Dataset items
**********

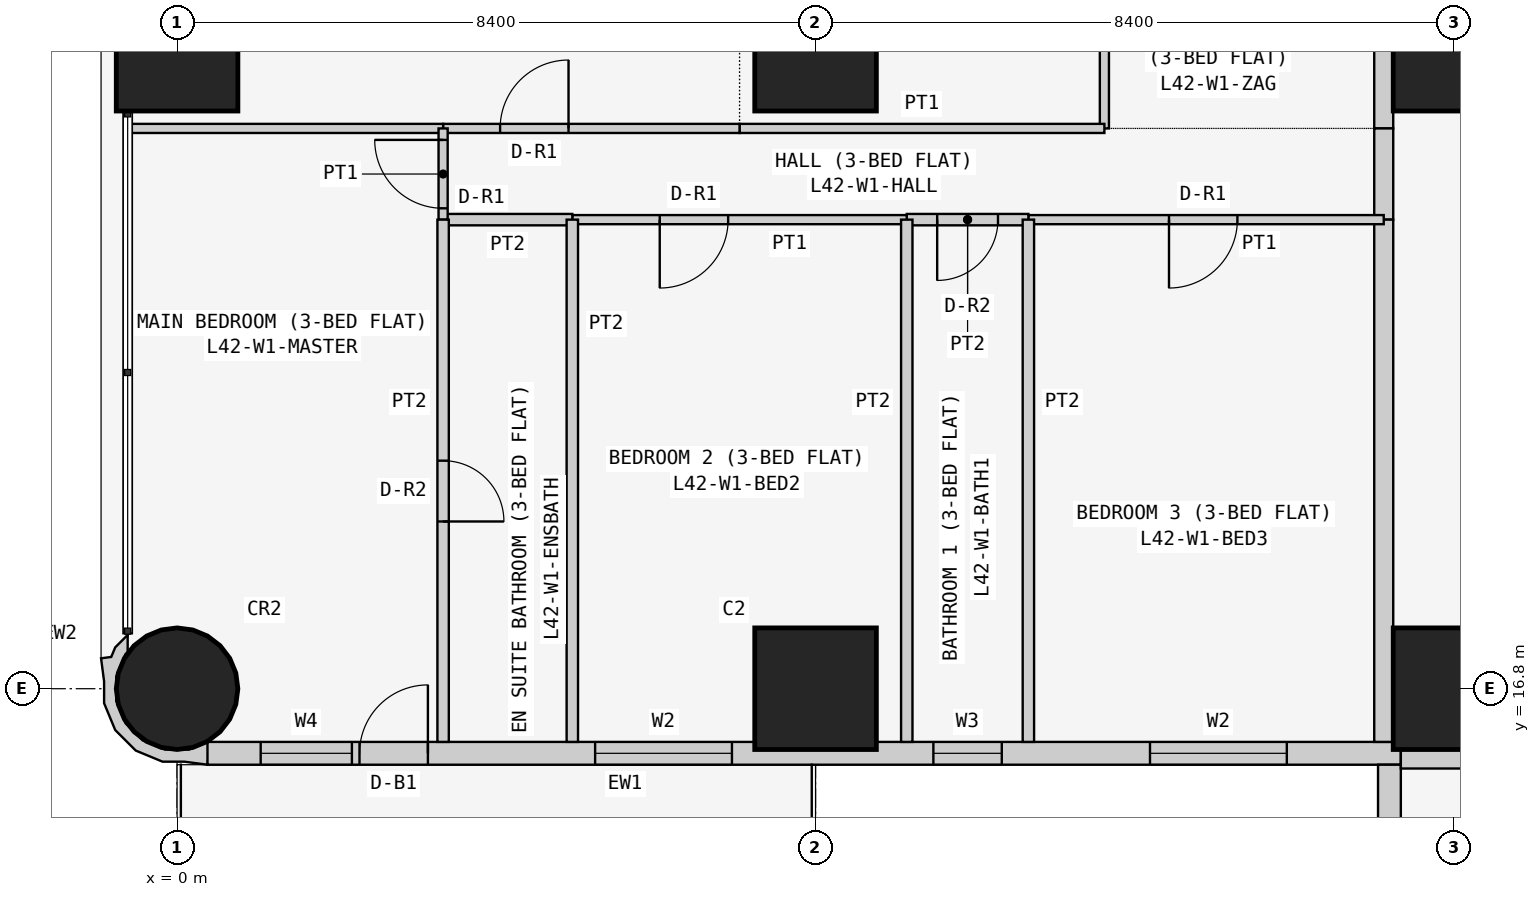
"""IFC4 building model, lengths in metres.
Left out: names, types, materials, properties, quantities, classifications, styles, units other than length and angle.
Written with IfcOpenShell. Run it as: python <this file> out.ifc"""

import sys

from ifc_helpers import new_model, si_unit, direction, frame, frame_2d, origin, origin_2d, place, context, subcontext, project, spatial, polyline, rectangle, circle, outline, extrude, element, fill, save


model = new_model("IFC4")
c1 = context("Model", 3, precision=1e-05, world=origin(), true_north=direction((0.0, 1.0)))
c2 = subcontext(c1, "Body", "Model", "MODEL_VIEW")
j1 = project(units=[si_unit("LENGTHUNIT", "METRE"), si_unit("PLANEANGLEUNIT", "RADIAN")], contexts=[c1])
p1 = place(None, origin())
s1 = spatial("IfcSite", under=j1, at=p1, CompositionType="ELEMENT")
p2 = place(p1, origin())
s2 = spatial("IfcBuilding", under=s1, at=p2, CompositionType="ELEMENT")
p3 = place(p2, frame((0.0, 0.0, 162.9)))
s3 = spatial("IfcBuildingStorey", under=s2, at=p3, CompositionType="ELEMENT", Elevation=162.9)
p4 = place(p3, frame((0.0, 16.8, 0.0), z_axis=(0.0, 0.0, 1.0), x_axis=(1.0, 0.0, 0.0)))
e1 = element("IfcColumn", 1, at=p4, inside=s3, PredefinedType="COLUMN", context=c2, shape_type="SweptSolid", body=[
    extrude(circle(Radius=0.8, at=origin_2d()), origin(), (0.0, 0.0, 1.0), 3.6),
])
for number, where, z_axis, x_axis in (
    (2, (0.0, 25.2, 0.0), (0.0, 0.0, 1.0), (1.0, 0.0, 0.0)),
    (3, (8.4, 16.8, 0.0), (0.0, 0.0, 1.0), (1.0, 0.0, 0.0)),
    (4, (8.4, 25.2, 0.0), (0.0, 0.0, 1.0), (1.0, 0.0, 0.0)),
    (5, (16.8, 16.8, 0.0), (0.0, 0.0, 1.0), (1.0, 0.0, 0.0)),
    (6, (16.8, 25.2, 0.0), (0.0, 0.0, 1.0), (1.0, 0.0, 0.0)),
):
    element("IfcColumn", number, at=place(p3, frame(where, z_axis=z_axis, x_axis=x_axis)), inside=s3, PredefinedType="COLUMN", context=c2, shape_type="SweptSolid", body=[
        extrude(rectangle(XDim=1.6, YDim=1.6, at=origin_2d()), origin(), (0.0, 0.0, 1.0), 3.6),
    ])
p5 = place(p3, frame((0.4, 15.95, 0.0), z_axis=(0.0, 0.0, 1.0), x_axis=(1.0, 0.0, 0.0)))
e7 = element("IfcWall", 7, at=p5, inside=s3, PredefinedType="SOLIDWALL", context=c2, shape_type="SweptSolid", body=[
    extrude(rectangle(XDim=15.7, YDim=0.3, at=frame_2d((7.85, 0.0))), origin(), (0.0, 0.0, 1.0), 3.45),
])
p6 = place(p5, frame((12.4, 0.0, 0.9)))
e8 = element("IfcOpeningElement", 8, at=p6, cuts=e7, PredefinedType="OPENING", context=c2, shape_type="SweptSolid", body=[
    extrude(rectangle(XDim=1.8, YDim=1.5, at=frame_2d((0.9, 0.75))), frame((0.0, 0.16, 0.0), z_axis=(0.0, -1.0, 0.0), x_axis=(1.0, 0.0, 0.0)), (0.0, 0.0, 1.0), 0.32),
])
p7 = place(p5, frame((9.55, 0.0, 1.5)))
e9 = element("IfcOpeningElement", 9, at=p7, cuts=e7, PredefinedType="OPENING", context=c2, shape_type="SweptSolid", body=[
    extrude(rectangle(XDim=0.9, YDim=0.7, at=frame_2d((0.45, 0.35))), frame((0.0, 0.16, 0.0), z_axis=(0.0, -1.0, 0.0), x_axis=(1.0, 0.0, 0.0)), (0.0, 0.0, 1.0), 0.32),
])
p8 = place(p5, frame((5.1, 0.0, 0.9)))
e10 = element("IfcOpeningElement", 10, at=p8, cuts=e7, PredefinedType="OPENING", context=c2, shape_type="SweptSolid", body=[
    extrude(rectangle(XDim=1.8, YDim=1.5, at=frame_2d((0.9, 0.75))), frame((0.0, 0.16, 0.0), z_axis=(0.0, -1.0, 0.0), x_axis=(1.0, 0.0, 0.0)), (0.0, 0.0, 1.0), 0.32),
])
p9 = place(p5, frame((2.0, 0.0, 0.0)))
e11 = element("IfcOpeningElement", 11, at=p9, cuts=e7, PredefinedType="OPENING", context=c2, shape_type="SweptSolid", body=[
    extrude(rectangle(XDim=0.9, YDim=2.4, at=frame_2d((0.45, 1.2))), frame((0.0, 0.16, 0.0), z_axis=(0.0, -1.0, 0.0), x_axis=(1.0, 0.0, 0.0)), (0.0, 0.0, 1.0), 0.32),
])
p10 = place(p5, frame((0.7, 0.0, 0.9)))
e12 = element("IfcOpeningElement", 12, at=p10, cuts=e7, PredefinedType="OPENING", context=c2, shape_type="SweptSolid", body=[
    extrude(rectangle(XDim=1.2, YDim=1.5, at=frame_2d((0.6, 0.75))), frame((0.0, 0.16, 0.0), z_axis=(0.0, -1.0, 0.0), x_axis=(1.0, 0.0, 0.0)), (0.0, 0.0, 1.0), 0.32),
])
p11 = place(p3, frame((15.95, 15.8, 0.0), z_axis=(0.0, 0.0, 1.0), x_axis=(0.0, -1.0, 0.0)))
e13 = element("IfcWall", 13, at=p11, inside=s3, PredefinedType="SOLIDWALL", context=c2, shape_type="SweptSolid", body=[
    extrude(rectangle(XDim=7.0, YDim=0.3, at=frame_2d((3.5, 0.0))), origin(), (0.0, 0.0, 1.0), 3.45),
])
p12 = place(p11, frame((1.5, 0.0, 0.9)))
e14 = element("IfcOpeningElement", 14, at=p12, cuts=e13, PredefinedType="OPENING", context=c2, shape_type="SweptSolid", body=[
    extrude(rectangle(XDim=2.4, YDim=1.5, at=frame_2d((1.2, 0.75))), frame((0.0, 0.16, 0.0), z_axis=(0.0, -1.0, 0.0), x_axis=(1.0, 0.0, 0.0)), (0.0, 0.0, 1.0), 0.32),
])
p13 = place(p11, frame((5.05, 0.0, 0.9)))
e15 = element("IfcOpeningElement", 15, at=p13, cuts=e13, PredefinedType="OPENING", context=c2, shape_type="SweptSolid", body=[
    extrude(rectangle(XDim=1.2, YDim=1.5, at=frame_2d((0.6, 0.75))), frame((0.0, 0.16, 0.0), z_axis=(0.0, -1.0, 0.0), x_axis=(1.0, 0.0, 0.0)), (0.0, 0.0, 1.0), 0.32),
])
p14 = place(p3, frame((-0.595, 17.448, 0.0), z_axis=(0.0, 0.0, 1.0), x_axis=(-0.93923434088, -0.343276641956, 0.0)))
e16 = element("IfcWall", 16, at=p14, inside=s3, PredefinedType="SOLIDWALL", context=c2, shape_type="SweptSolid", body=[
    extrude(outline(polyline([(-0.369, 1.89), (-0.509, 1.621), (-0.491, 1.614), (-0.479, 1.609), (-0.211, 1.62), (0.088, 1.511), (0.323, 1.295), (0.457, 1.006), (0.47, 0.688), (0.361, 0.389), (0.146, 0.154), (0.108, 0.137), (0.031, -0.075), (0.241, 0.023), (0.334, 0.124), (0.465, 0.094), (0.532, 0.393), (0.631, 0.663), (0.614, 1.045), (0.453, 1.391), (0.172, 1.649), (-0.098, 1.748), (-0.369, 1.89)])), origin(), (0.0, 0.0, 1.0), 3.45),
])
p15 = place(p3, frame((22.571, 15.875, 0.0), z_axis=(0.0, 0.0, 1.0), x_axis=(-1.0, 0.0, 0.0)))
e17 = element("IfcWall", 17, at=p15, inside=s3, PredefinedType="PARTITIONING", context=c2, shape_type="SweptSolid", body=[
    extrude(rectangle(XDim=6.471, YDim=0.25, at=frame_2d((3.235, 0.0))), origin(), (0.0, 0.0, 1.0), 3.45),
])
p16 = place(p3, frame((15.875, 24.171, 0.0), z_axis=(0.0, 0.0, 1.0), x_axis=(0.0, 1.0, 0.0)))
e18 = element("IfcWall", 18, at=p16, inside=s3, PredefinedType="PARTITIONING", context=c2, shape_type="SweptSolid", body=[
    extrude(rectangle(XDim=5.229, YDim=0.25, at=frame_2d((2.615, 0.0))), origin(), (0.0, 0.0, 1.0), 3.45),
])
p17 = place(p16, frame((2.129, 0.0, 0.0)))
e19 = element("IfcOpeningElement", 19, at=p17, cuts=e18, PredefinedType="OPENING", context=c2, shape_type="SweptSolid", body=[
    extrude(rectangle(XDim=1.0, YDim=2.1, at=frame_2d((0.5, 1.05))), frame((0.0, 0.135, 0.0), z_axis=(0.0, -1.0, 0.0), x_axis=(1.0, 0.0, 0.0)), (0.0, 0.0, 1.0), 0.27),
])
p18 = place(p3, frame((15.875, 22.971, 0.0), z_axis=(0.0, 0.0, 1.0), x_axis=(0.0, 1.0, 0.0)))
e20 = element("IfcWall", 20, at=p18, inside=s3, PredefinedType="PARTITIONING", context=c2, shape_type="SweptSolid", body=[
    extrude(rectangle(XDim=1.2, YDim=0.25, at=frame_2d((0.6, 0.0))), origin(), (0.0, 0.0, 1.0), 3.45),
])
p19 = place(p3, frame((15.875, 16.1, 0.0), z_axis=(0.0, 0.0, 1.0), x_axis=(0.0, 1.0, 0.0)))
e21 = element("IfcWall", 21, at=p19, inside=s3, PredefinedType="PARTITIONING", context=c2, shape_type="SweptSolid", body=[
    extrude(rectangle(XDim=6.871, YDim=0.25, at=frame_2d((3.436, 0.0))), origin(), (0.0, 0.0, 1.0), 3.45),
])
p20 = place(p3, frame((12.2, 29.4, 0.0), z_axis=(0.0, 0.0, 1.0), x_axis=(0.0, -1.0, 0.0)))
e22 = element("IfcWall", 22, at=p20, inside=s3, PredefinedType="PARTITIONING", context=c2, shape_type="SweptSolid", body=[
    extrude(rectangle(XDim=5.229, YDim=0.12, at=frame_2d((2.615, 0.0))), origin(), (0.0, 0.0, 1.0), 3.45),
])
p21 = place(p20, frame((1.05, 0.0, 0.0)))
e23 = element("IfcOpeningElement", 23, at=p21, cuts=e22, PredefinedType="OPENING", context=c2, shape_type="SweptSolid", body=[
    extrude(rectangle(XDim=0.9, YDim=2.1, at=frame_2d((0.45, 1.05))), frame((0.0, 0.07, 0.0), z_axis=(0.0, -1.0, 0.0), x_axis=(1.0, 0.0, 0.0)), (0.0, 0.0, 1.0), 0.14),
])
p22 = place(p3, frame((7.4, 24.171, 0.0), z_axis=(0.0, 0.0, 1.0), x_axis=(1.0, 0.0, 0.0)))
e24 = element("IfcWall", 24, at=p22, inside=s3, PredefinedType="PARTITIONING", context=c2, shape_type="SweptSolid", body=[
    extrude(rectangle(XDim=4.8, YDim=0.12, at=frame_2d((2.4, 0.0))), origin(), (0.0, 0.0, 1.0), 3.45),
])
p23 = place(p3, frame((3.5, 24.171, 0.0), z_axis=(0.0, 0.0, 1.0), x_axis=(1.0, 0.0, 0.0)))
e25 = element("IfcWall", 25, at=p23, inside=s3, PredefinedType="PARTITIONING", context=c2, shape_type="SweptSolid", body=[
    extrude(rectangle(XDim=3.9, YDim=0.12, at=frame_2d((1.95, 0.0))), origin(), (0.0, 0.0, 1.0), 3.45),
])
p24 = place(p23, frame((0.75, 0.0, 0.0)))
e26 = element("IfcOpeningElement", 26, at=p24, cuts=e25, PredefinedType="OPENING", context=c2, shape_type="SweptSolid", body=[
    extrude(rectangle(XDim=0.9, YDim=2.1, at=frame_2d((0.45, 1.05))), frame((0.0, 0.07, 0.0), z_axis=(0.0, -1.0, 0.0), x_axis=(1.0, 0.0, 0.0)), (0.0, 0.0, 1.0), 0.14),
])
p25 = place(p3, frame((-0.65, 24.171, 0.0), z_axis=(0.0, 0.0, 1.0), x_axis=(1.0, 0.0, 0.0)))
e27 = element("IfcWall", 27, at=p25, inside=s3, PredefinedType="PARTITIONING", context=c2, shape_type="SweptSolid", body=[
    extrude(rectangle(XDim=4.15, YDim=0.12, at=frame_2d((2.075, 0.0))), origin(), (0.0, 0.0, 1.0), 3.45),
])
p26 = place(p3, frame((11.2, 22.971, 0.0), z_axis=(0.0, 0.0, 1.0), x_axis=(1.0, 0.0, 0.0)))
e28 = element("IfcWall", 28, at=p26, inside=s3, PredefinedType="PARTITIONING", context=c2, shape_type="SweptSolid", body=[
    extrude(rectangle(XDim=4.675, YDim=0.12, at=frame_2d((2.337, 0.0))), origin(), (0.0, 0.0, 1.0), 3.45),
])
p27 = place(p26, frame((1.85, 0.0, 0.0)))
e29 = element("IfcOpeningElement", 29, at=p27, cuts=e28, PredefinedType="OPENING", context=c2, shape_type="SweptSolid", body=[
    extrude(rectangle(XDim=0.9, YDim=2.1, at=frame_2d((0.45, 1.05))), frame((0.0, 0.07, 0.0), z_axis=(0.0, -1.0, 0.0), x_axis=(1.0, 0.0, 0.0)), (0.0, 0.0, 1.0), 0.14),
])
p28 = place(p3, frame((9.6, 22.971, 0.0), z_axis=(0.0, 0.0, 1.0), x_axis=(1.0, 0.0, 0.0)))
e30 = element("IfcWall", 30, at=p28, inside=s3, PredefinedType="PARTITIONING", context=c2, shape_type="SweptSolid", body=[
    extrude(rectangle(XDim=1.6, YDim=0.15, at=frame_2d((0.8, 0.0))), origin(), (0.0, 0.0, 1.0), 3.45),
])
p29 = place(p28, frame((0.4, 0.0, 0.0)))
e31 = element("IfcOpeningElement", 31, at=p29, cuts=e30, PredefinedType="OPENING", context=c2, shape_type="SweptSolid", body=[
    extrude(rectangle(XDim=0.8, YDim=2.1, at=frame_2d((0.4, 1.05))), frame((0.0, 0.085, 0.0), z_axis=(0.0, -1.0, 0.0), x_axis=(1.0, 0.0, 0.0)), (0.0, 0.0, 1.0), 0.17),
])
p30 = place(p3, frame((5.2, 22.971, 0.0), z_axis=(0.0, 0.0, 1.0), x_axis=(1.0, 0.0, 0.0)))
e32 = element("IfcWall", 32, at=p30, inside=s3, PredefinedType="PARTITIONING", context=c2, shape_type="SweptSolid", body=[
    extrude(rectangle(XDim=4.4, YDim=0.12, at=frame_2d((2.2, 0.0))), origin(), (0.0, 0.0, 1.0), 3.45),
])
p31 = place(p30, frame((1.15, 0.0, 0.0)))
e33 = element("IfcOpeningElement", 33, at=p31, cuts=e32, PredefinedType="OPENING", context=c2, shape_type="SweptSolid", body=[
    extrude(rectangle(XDim=0.9, YDim=2.1, at=frame_2d((0.45, 1.05))), frame((0.0, 0.07, 0.0), z_axis=(0.0, -1.0, 0.0), x_axis=(1.0, 0.0, 0.0)), (0.0, 0.0, 1.0), 0.14),
])
p32 = place(p3, frame((3.5, 22.971, 0.0), z_axis=(0.0, 0.0, 1.0), x_axis=(1.0, 0.0, 0.0)))
e34 = element("IfcWall", 34, at=p32, inside=s3, PredefinedType="PARTITIONING", context=c2, shape_type="SweptSolid", body=[
    extrude(rectangle(XDim=1.7, YDim=0.15, at=frame_2d((0.85, 0.0))), origin(), (0.0, 0.0, 1.0), 3.45),
])
p33 = place(p3, frame((3.5, 24.171, 0.0), z_axis=(0.0, 0.0, 1.0), x_axis=(0.0, -1.0, 0.0)))
e35 = element("IfcWall", 35, at=p33, inside=s3, PredefinedType="PARTITIONING", context=c2, shape_type="SweptSolid", body=[
    extrude(rectangle(XDim=1.2, YDim=0.12, at=frame_2d((0.6, 0.0))), origin(), (0.0, 0.0, 1.0), 3.45),
])
p34 = place(p33, frame((0.151, 0.0, 0.0)))
e36 = element("IfcOpeningElement", 36, at=p34, cuts=e35, PredefinedType="OPENING", context=c2, shape_type="SweptSolid", body=[
    extrude(rectangle(XDim=0.9, YDim=2.1, at=frame_2d((0.45, 1.05))), frame((0.0, 0.07, 0.0), z_axis=(0.0, -1.0, 0.0), x_axis=(1.0, 0.0, 0.0)), (0.0, 0.0, 1.0), 0.14),
])
for number, where, z_axis, x_axis in (
    (37, (11.2, 22.971, 0.0), (0.0, 0.0, 1.0), (0.0, -1.0, 0.0)),
    (38, (9.6, 22.971, 0.0), (0.0, 0.0, 1.0), (0.0, -1.0, 0.0)),
    (39, (5.2, 22.971, 0.0), (0.0, 0.0, 1.0), (0.0, -1.0, 0.0)),
):
    element("IfcWall", number, at=place(p3, frame(where, z_axis=z_axis, x_axis=x_axis)), inside=s3, PredefinedType="PARTITIONING", context=c2, shape_type="SweptSolid", body=[
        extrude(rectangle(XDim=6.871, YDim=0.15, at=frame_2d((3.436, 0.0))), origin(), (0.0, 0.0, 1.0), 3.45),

**********

→ YOUR ASSIGNMENT
Filter the entries by the string "circle" and copy each matching line.

→ TASK ANSWER
from ifc_helpers import new_model, si_unit, direction, frame, frame_2d, origin, origin_2d, place, context, subcontext, project, spatial, polyline, rectangle, circle, outline, extrude, element, fill, save
    extrude(circle(Radius=0.8, at=origin_2d()), origin(), (0.0, 0.0, 1.0), 3.6),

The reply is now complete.